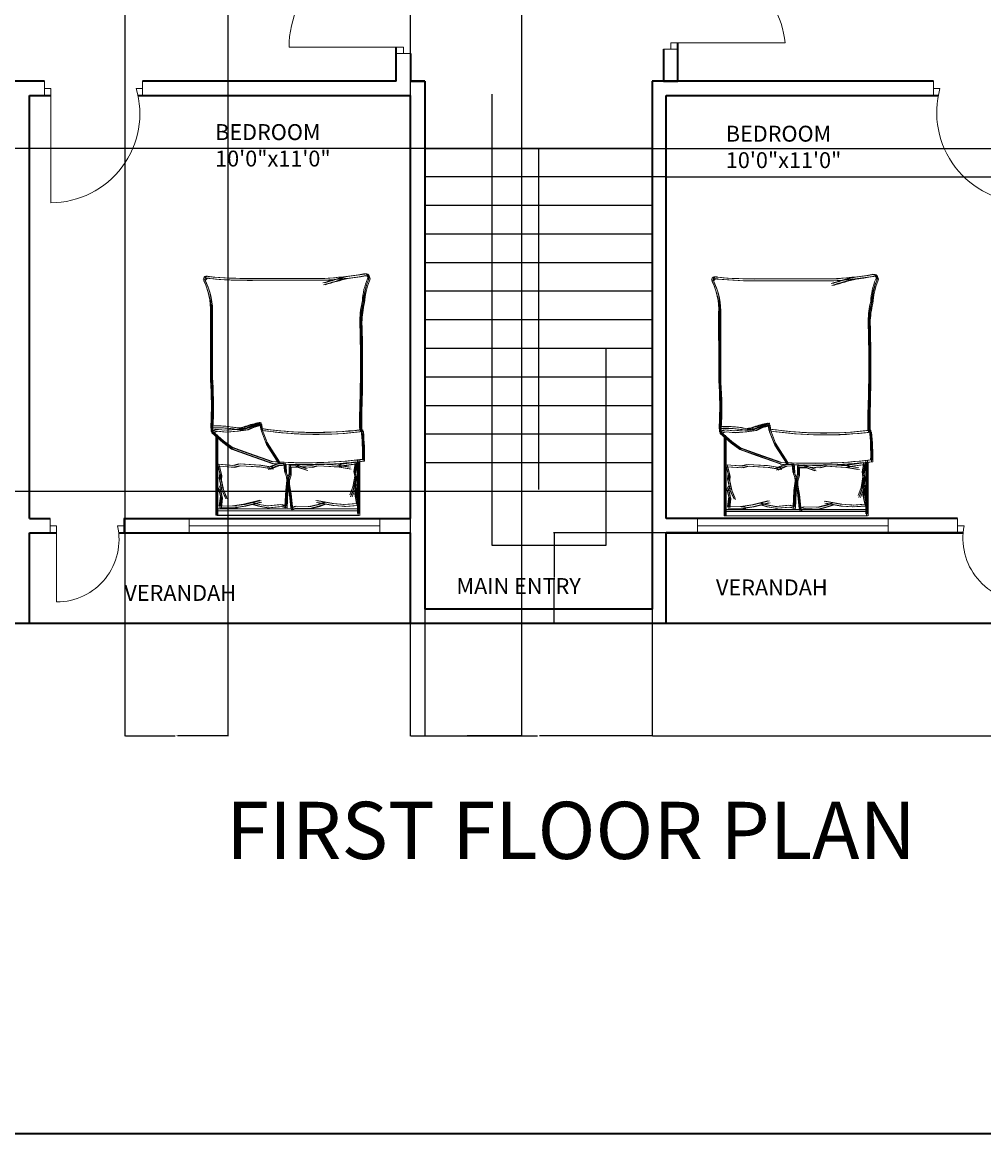
# Model space of a CAD drawing. Units: inches. Extents: x 2234 to 3001, y 1541 to 2386.
# Tile 2 of 12: x 2437 to 2739, y 1541 to 1891. Entities that reach past the tile are written whole.
import ezdxf

# ---------------------------------------------------------------- set-up
doc = ezdxf.new("R2010")
doc.units = ezdxf.units.IN
for name, color, linetype, lineweight in [('A-ANNO-DIMS', 2, 'Continuous', 18), ('A-ANNO-TEXT', 7, 'Continuous', 25), ('A-ANNO-TTLB', 7, 'Continuous', 35), ('A-AREA-IDEN', 7, 'Continuous', 18), ('A-DOOR', 3, 'Continuous', 18), ('A-FLOR-STRS', 7, 'Continuous', 25), ('A-FURN', 9, 'Continuous', 13), ('A-GLAZ', 4, 'Continuous', 18), ('A-WALL', 7, 'Continuous', 35)]:
    doc.layers.add(name, color=color, linetype=linetype, lineweight=lineweight)
doc.styles.get("Standard").update_dxf_attribs({"font": 'arial.ttf'})
doc.dimstyles.get("Standard").update_dxf_attribs({"dimtxt": 0.18, "dimasz": 0.18, "dimexe": 0.18, "dimexo": 0.0625, "dimgap": 0.09, "dimtad": 0, "dimtih": 1, "dimtoh": 1, "dimdec": 4, "dimzin": 0, "dimdsep": 46, "dimtxsty": 'Standard', "dimcen": 0.09, "dimadec": 0, "dimazin": 0, "dimtfac": 1, "dimtdec": 4, "dimtofl": 0, "dimtmove": 0, "dimatfit": 3, "dimfxl": 1, "dimtolj": 1, "dimtzin": 0, "dimarcsym": 0})

# ---------------------------------------------------------------- blocks, each defined once
blk = doc.blocks.new('WIN-60-A')
for p, q in [((0, 60), (4.5, 60)), ((4.5, 60), (2.25, 60)), ((2.25, 60), (2.25, 0)), ((2.25, 0), (0, 0)), ((0, 0), (4.5, 0))]:
    blk.add_line(p, q)
blk = doc.blocks.new('BED-DOUBLE-B')
for p, q in [((37.77, 74.61), (14.78, 74.61)), ((37.77, 74.61), (14.78, 74.61)), ((37.98, 74.02), (15, 74.02)), ((37.98, 74.02), (15, 74.02)), ((38.22, 74.59), (15.24, 74.59)), ((38.22, 74.59), (15.24, 74.59)), ((38.44, 73.99), (15.45, 73.99)), ((38.44, 73.99), (15.46, 73.99)), ((2.39, 28.15), (2.47, 26.53, 3.61)), ((2.39, 28.15), (2.47, 26.53, 3.61)), ((2.85, 28.13), (2.92, 26.5, 3.61)), ((2.85, 28.13), (2.93, 26.5, 3.61)), ((15.47, 28.4), (13.59, 27.54)), ((15.47, 28.4), (13.59, 27.54)), ((15.93, 28.38), (14.05, 27.52)), ((15.93, 28.38), (14.05, 27.52)), ((17.79, 28.98), (15.47, 28.4)), ((17.79, 28.98), (15.47, 28.4)), ((18, 28.38), (15.68, 27.81)), ((18, 28.38), (15.69, 27.81)), ((18.24, 28.96), (15.93, 28.38)), ((18.24, 28.96), (15.93, 28.38)), ((18.46, 28.36), (16.14, 27.79)), ((18.46, 28.36), (16.14, 27.79)), ((18.07, 27.1), (17.79, 28.98)), ((18.07, 27.1), (17.79, 28.98)), ((18.29, 26.51), (18, 28.38)), ((18.29, 26.51), (18, 28.38)), ((18.53, 27.08), (18.24, 28.96)), ((18.53, 27.08), (18.24, 28.96)), ((18.75, 26.49), (18.46, 28.36)), ((18.75, 26.49), (18.46, 28.36)), ((3.9, 27.1), (2.47, 26.53)), ((3.9, 27.1), (2.47, 26.53)), ((2.47, 26.53), (5.93, 23.49)), ((2.47, 26.53), (5.93, 23.49)), ((2.61, 27.56), (2.68, 25.93, 3.61)), ((2.61, 27.56), (2.68, 25.93, 3.61)), ((4.12, 26.51), (2.68, 25.93)), ((4.12, 26.51), (2.68, 25.93)), ((2.68, 25.93), (6.14, 22.89)), ((2.68, 25.93), (6.14, 22.89)), ((4.36, 27.08), (2.92, 26.5)), ((2.92, 26.5), (6.38, 23.47)), ((4.36, 27.08), (2.93, 26.5)), ((2.93, 26.5), (6.39, 23.47)), ((3.06, 27.54), (3.14, 25.91, 3.61)), ((3.06, 27.54), (3.14, 25.91, 3.61)), ((4.57, 26.49), (3.14, 25.91)), ((4.57, 26.49), (3.14, 25.91)), ((3.14, 25.91), (6.6, 22.87)), ((3.14, 25.91), (6.6, 22.87)), ((6.79, 26.81), (3.9, 27.1)), ((6.8, 26.81), (3.9, 27.1)), ((3.96, 0.62), (3.96, 25.46)), ((3.96, 0.62), (3.96, 25.46)), ((7.01, 26.22), (4.12, 26.51)), ((7.01, 26.22), (4.12, 26.51)), ((4.18, 0.02), (4.18, 24.87)), ((4.18, 0.02), (4.18, 24.87)), ((7.25, 26.79), (4.36, 27.08)), ((7.25, 26.79), (4.36, 27.08)), ((4.42, 0.6), (4.42, 25.44)), ((4.42, 0.6), (4.42, 25.44)), ((7.47, 26.2), (4.57, 26.49)), ((7.47, 26.2), (4.57, 26.49)), ((4.63, 0), (4.63, 24.85)), ((4.63, 0), (4.63, 24.85)), ((10.41, 27.1), (6.79, 26.81)), ((10.41, 27.1), (6.8, 26.81)), ((10.62, 26.51), (7.01, 26.22)), ((10.62, 26.51), (7.01, 26.22)), ((10.87, 27.08), (7.25, 26.79)), ((10.87, 27.08), (7.25, 26.79)), ((11.08, 26.49), (7.47, 26.2)), ((11.08, 26.49), (7.47, 26.2)), ((13.59, 27.54), (10.41, 27.1)), ((13.59, 27.54), (10.41, 27.1)), ((13.8, 26.94), (10.62, 26.51)), ((13.81, 26.94), (10.62, 26.51)), ((14.05, 27.52), (10.87, 27.08)), ((14.05, 27.52), (10.87, 27.08)), ((14.26, 26.92), (11.08, 26.49)), ((14.26, 26.92), (11.08, 26.49)), ((15.68, 27.81), (13.8, 26.94)), ((15.69, 27.81), (13.81, 26.94)), ((16.14, 27.79), (14.26, 26.92)), ((16.14, 27.79), (14.26, 26.92)), ((19.67, 22.91), (18.07, 27.1)), ((19.67, 22.91), (18.07, 27.1)), ((19.88, 22.32), (18.29, 26.51)), ((19.88, 22.32), (18.29, 26.51)), ((20.12, 22.89), (18.53, 27.08)), ((20.12, 22.89), (18.53, 27.08)), ((20.34, 22.29), (18.75, 26.49)), ((20.34, 22.29), (18.75, 26.49)), ((5.93, 23.49), (8.67, 21.47)), ((5.93, 23.49), (8.68, 21.47)), ((6.14, 22.89), (8.89, 20.87)), ((6.14, 22.89), (8.89, 20.87)), ((6.38, 23.47), (9.13, 21.45)), ((6.39, 23.47), (9.13, 21.45)), ((6.6, 22.87), (9.35, 20.85)), ((6.6, 22.87), (9.35, 20.85)), ((8.67, 21.47), (13.88, 19.59)), ((8.68, 21.47), (13.88, 19.59)), ((9.13, 21.45), (14.34, 19.57)), ((9.13, 21.45), (14.34, 19.57)), ((23.58, 16.85), (19.67, 22.91)), ((23.58, 16.85), (19.67, 22.91)), ((23.79, 16.25), (19.88, 22.32)), ((23.79, 16.25), (19.88, 22.32)), ((24.04, 16.83), (20.12, 22.89)), ((24.04, 16.83), (20.12, 22.89)), ((24.25, 16.23), (20.34, 22.29)), ((24.25, 16.23), (20.34, 22.29)), ((8.89, 20.87), (14.09, 18.99)), ((8.89, 20.87), (14.09, 18.99)), ((9.35, 20.85), (14.55, 18.97)), ((9.35, 20.85), (14.55, 18.97)), ((13.88, 19.59), (21.67, 16.85)), ((13.88, 19.59), (21.67, 16.85)), ((14.09, 18.99), (21.88, 16.25)), ((14.09, 18.99), (21.88, 16.25)), ((14.34, 19.57), (22.12, 16.83)), ((14.34, 19.57), (22.12, 16.83)), ((14.55, 18.97), (22.34, 16.23)), ((14.55, 18.97), (22.34, 16.23)), ((48.59, 17.53), (48.59, 0.62)), ((48.59, 17.53), (48.59, 0.62)), ((49.05, 17.51), (49.05, 0.6)), ((49.05, 17.51), (49.05, 0.6)), ((9.28, 15.72), (4.49, 16.09)), ((4.49, 16.09), (5.22, 13.16)), ((9.29, 15.72), (4.49, 16.09)), ((4.49, 16.09), (5.22, 13.16)), ((9.5, 15.12), (4.71, 15.5)), ((4.71, 15.5), (5.43, 12.56)), ((9.5, 15.12), (4.71, 15.5)), ((4.71, 15.5), (5.43, 12.56)), ((9.74, 15.69), (4.95, 16.07)), ((4.95, 16.07), (5.67, 13.14)), ((9.74, 15.69), (4.95, 16.07)), ((4.95, 16.07), (5.67, 13.14)), ((9.96, 15.1), (5.16, 15.47)), ((5.16, 15.47), (5.89, 12.54)), ((9.96, 15.1), (5.16, 15.47)), ((5.16, 15.47), (5.89, 12.54)), ((11.12, 16.24), (9.28, 15.72)), ((11.12, 16.24), (9.29, 15.72)), ((11.33, 15.64), (9.5, 15.12)), ((11.33, 15.64), (9.5, 15.12)), ((11.57, 16.21), (9.74, 15.69)), ((11.57, 16.21), (9.74, 15.69)), ((11.79, 15.62), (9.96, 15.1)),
----------------
Task statement>
Among the lines above, return each one holding the string "linetype".

Response to this exercise>
for name, color, linetype, lineweight in [('A-ANNO-DIMS', 2, 'Continuous', 18), ('A-ANNO-TEXT', 7, 'Continuous', 25), ('A-ANNO-TTLB', 7, 'Continuous', 35), ('A-AREA-IDEN', 7, 'Continuous', 18), ('A-DOOR', 3, 'Continuous', 18), ('A-FLOR-STRS', 7, 'Continuous', 25), ('A-FURN', 9, 'Continuous', 13), ('A-GLAZ', 4, 'Continuous', 18), ('A-WALL', 7, 'Continuous', 35)]:
    doc.layers.add(name, color=color, linetype=linetype, lineweight=lineweight)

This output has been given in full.